### Goal of the exercise:
Restate the lines word for word, from the first line of the records through the line containing "color=color, linetype=linetype, lineweight=lineweight)". Leave out the pictures and anything after that line.

Data items

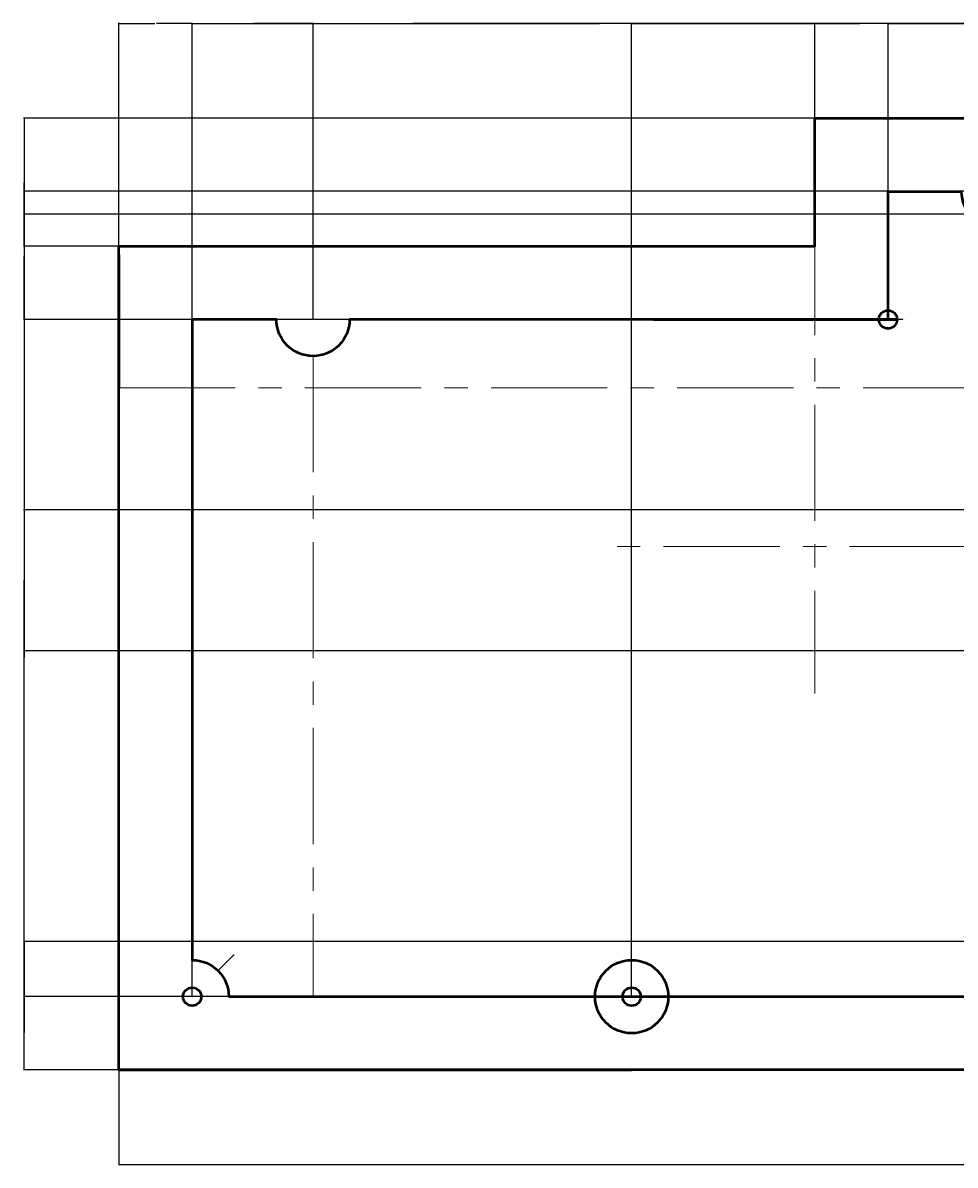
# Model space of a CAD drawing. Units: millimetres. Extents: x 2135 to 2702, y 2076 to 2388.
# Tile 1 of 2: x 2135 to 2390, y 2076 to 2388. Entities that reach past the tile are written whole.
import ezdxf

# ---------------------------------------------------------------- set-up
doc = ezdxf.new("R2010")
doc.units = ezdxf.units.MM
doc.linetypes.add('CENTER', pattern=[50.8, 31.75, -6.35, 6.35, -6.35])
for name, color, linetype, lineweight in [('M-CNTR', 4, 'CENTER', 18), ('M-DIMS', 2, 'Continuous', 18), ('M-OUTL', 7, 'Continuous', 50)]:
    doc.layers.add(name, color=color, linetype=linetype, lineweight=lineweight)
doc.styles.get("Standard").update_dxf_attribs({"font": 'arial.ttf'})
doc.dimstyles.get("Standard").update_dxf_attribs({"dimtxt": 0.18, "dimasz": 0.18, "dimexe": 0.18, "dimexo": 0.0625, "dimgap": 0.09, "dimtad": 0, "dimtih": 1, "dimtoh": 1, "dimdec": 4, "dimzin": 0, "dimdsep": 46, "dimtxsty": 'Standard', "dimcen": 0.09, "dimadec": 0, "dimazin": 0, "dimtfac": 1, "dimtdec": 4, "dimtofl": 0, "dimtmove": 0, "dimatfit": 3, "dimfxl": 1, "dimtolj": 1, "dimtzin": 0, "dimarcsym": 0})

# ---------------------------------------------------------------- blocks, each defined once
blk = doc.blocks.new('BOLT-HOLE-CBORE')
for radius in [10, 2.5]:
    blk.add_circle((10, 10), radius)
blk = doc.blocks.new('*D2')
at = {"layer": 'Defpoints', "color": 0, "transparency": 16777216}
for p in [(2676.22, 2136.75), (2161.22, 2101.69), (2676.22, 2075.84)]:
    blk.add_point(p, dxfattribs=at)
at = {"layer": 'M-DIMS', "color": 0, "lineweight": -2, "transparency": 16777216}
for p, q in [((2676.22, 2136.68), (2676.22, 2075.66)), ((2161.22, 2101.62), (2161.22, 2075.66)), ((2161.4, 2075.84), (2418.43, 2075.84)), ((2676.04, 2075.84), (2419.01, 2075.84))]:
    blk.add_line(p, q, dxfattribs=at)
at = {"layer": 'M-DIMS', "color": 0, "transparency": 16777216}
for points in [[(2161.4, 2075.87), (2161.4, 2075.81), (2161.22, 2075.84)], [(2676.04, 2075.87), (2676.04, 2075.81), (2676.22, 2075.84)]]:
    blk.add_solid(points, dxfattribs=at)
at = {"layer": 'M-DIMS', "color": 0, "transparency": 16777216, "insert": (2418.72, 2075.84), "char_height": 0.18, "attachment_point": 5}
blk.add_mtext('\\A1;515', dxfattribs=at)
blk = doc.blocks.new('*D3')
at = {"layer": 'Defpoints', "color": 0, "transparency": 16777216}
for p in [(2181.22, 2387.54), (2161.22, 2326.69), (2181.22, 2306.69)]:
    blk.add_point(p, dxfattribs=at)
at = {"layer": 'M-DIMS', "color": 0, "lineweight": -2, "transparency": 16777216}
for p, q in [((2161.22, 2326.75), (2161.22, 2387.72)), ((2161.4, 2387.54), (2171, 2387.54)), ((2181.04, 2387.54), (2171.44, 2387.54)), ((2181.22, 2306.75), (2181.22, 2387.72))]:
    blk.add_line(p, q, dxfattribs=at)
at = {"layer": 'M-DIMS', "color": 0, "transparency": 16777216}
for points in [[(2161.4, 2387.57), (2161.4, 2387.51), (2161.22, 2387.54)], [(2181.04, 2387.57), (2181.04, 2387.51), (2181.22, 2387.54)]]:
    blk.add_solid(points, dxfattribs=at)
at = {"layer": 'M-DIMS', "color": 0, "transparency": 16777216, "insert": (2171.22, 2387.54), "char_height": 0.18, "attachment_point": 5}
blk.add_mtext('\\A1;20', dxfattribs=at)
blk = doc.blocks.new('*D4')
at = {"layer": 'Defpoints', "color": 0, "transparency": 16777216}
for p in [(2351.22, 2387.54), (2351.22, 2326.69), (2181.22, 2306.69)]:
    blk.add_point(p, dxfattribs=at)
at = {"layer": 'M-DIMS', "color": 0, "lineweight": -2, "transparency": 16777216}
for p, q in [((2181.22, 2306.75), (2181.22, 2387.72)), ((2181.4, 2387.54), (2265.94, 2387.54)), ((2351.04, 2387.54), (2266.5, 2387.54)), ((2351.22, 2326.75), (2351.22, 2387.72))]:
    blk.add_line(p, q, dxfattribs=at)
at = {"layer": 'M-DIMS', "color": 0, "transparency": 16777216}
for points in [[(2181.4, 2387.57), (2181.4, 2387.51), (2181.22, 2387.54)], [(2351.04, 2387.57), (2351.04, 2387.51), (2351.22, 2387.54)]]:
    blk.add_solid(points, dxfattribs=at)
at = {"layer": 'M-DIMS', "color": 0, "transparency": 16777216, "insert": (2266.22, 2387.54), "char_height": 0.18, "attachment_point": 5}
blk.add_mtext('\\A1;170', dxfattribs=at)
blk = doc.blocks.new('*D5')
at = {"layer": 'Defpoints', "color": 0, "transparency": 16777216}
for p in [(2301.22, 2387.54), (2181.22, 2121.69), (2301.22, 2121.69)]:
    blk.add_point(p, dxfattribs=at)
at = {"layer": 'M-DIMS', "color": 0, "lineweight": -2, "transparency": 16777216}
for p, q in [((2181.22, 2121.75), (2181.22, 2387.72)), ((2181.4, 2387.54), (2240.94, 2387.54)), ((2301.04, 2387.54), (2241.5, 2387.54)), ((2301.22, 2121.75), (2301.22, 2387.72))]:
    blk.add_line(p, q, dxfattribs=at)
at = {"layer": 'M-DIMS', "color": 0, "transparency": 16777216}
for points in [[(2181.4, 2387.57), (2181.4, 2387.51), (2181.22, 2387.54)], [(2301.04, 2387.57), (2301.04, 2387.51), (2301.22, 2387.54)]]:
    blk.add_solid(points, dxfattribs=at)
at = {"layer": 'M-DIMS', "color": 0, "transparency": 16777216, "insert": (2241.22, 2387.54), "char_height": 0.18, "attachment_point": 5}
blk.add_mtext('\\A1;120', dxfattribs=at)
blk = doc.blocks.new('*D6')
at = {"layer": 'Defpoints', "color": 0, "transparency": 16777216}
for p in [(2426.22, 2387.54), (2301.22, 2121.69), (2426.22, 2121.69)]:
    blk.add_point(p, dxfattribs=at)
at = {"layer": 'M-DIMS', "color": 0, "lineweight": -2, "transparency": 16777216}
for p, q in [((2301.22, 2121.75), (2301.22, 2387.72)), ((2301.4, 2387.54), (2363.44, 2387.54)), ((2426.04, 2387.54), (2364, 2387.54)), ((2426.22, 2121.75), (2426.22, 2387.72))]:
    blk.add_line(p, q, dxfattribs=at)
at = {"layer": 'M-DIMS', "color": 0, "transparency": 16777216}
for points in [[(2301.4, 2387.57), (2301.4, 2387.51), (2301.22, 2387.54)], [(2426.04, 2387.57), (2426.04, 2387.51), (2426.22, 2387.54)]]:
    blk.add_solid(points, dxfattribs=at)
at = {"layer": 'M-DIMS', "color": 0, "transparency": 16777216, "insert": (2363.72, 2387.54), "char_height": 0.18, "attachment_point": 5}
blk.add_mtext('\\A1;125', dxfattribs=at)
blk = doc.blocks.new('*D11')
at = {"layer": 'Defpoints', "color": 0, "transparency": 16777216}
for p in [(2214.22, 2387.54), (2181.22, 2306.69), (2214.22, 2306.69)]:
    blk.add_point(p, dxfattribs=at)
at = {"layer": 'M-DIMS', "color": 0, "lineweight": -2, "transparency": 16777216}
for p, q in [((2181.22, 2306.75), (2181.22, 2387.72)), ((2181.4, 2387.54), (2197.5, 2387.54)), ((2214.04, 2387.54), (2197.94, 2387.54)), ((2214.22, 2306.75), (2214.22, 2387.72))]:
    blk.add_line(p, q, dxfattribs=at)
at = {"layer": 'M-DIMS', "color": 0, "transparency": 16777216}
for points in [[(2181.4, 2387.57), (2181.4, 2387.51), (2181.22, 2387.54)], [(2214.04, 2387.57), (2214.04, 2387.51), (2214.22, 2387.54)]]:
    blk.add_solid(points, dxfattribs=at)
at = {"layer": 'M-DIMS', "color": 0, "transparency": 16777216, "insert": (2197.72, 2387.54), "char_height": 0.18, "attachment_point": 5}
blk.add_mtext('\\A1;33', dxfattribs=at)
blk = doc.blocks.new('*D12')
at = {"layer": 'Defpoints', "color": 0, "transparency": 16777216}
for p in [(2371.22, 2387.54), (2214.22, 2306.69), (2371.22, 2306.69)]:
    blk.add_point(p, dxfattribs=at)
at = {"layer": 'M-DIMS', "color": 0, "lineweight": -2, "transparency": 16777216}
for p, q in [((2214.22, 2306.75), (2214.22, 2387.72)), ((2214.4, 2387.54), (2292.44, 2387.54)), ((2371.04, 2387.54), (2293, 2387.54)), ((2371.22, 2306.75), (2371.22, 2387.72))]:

### Result of the exercise:
# Model space of a CAD drawing. Units: millimetres. Extents: x 2135 to 2702, y 2076 to 2388.
# Tile 1 of 2: x 2135 to 2390, y 2076 to 2388. Entities that reach past the tile are written whole.
import ezdxf

# ---------------------------------------------------------------- set-up
doc = ezdxf.new("R2010")
doc.units = ezdxf.units.MM
doc.linetypes.add('CENTER', pattern=[50.8, 31.75, -6.35, 6.35, -6.35])
for name, color, linetype, lineweight in [('M-CNTR', 4, 'CENTER', 18), ('M-DIMS', 2, 'Continuous', 18), ('M-OUTL', 7, 'Continuous', 50)]:
    doc.layers.add(name, color=color, linetype=linetype, lineweight=lineweight)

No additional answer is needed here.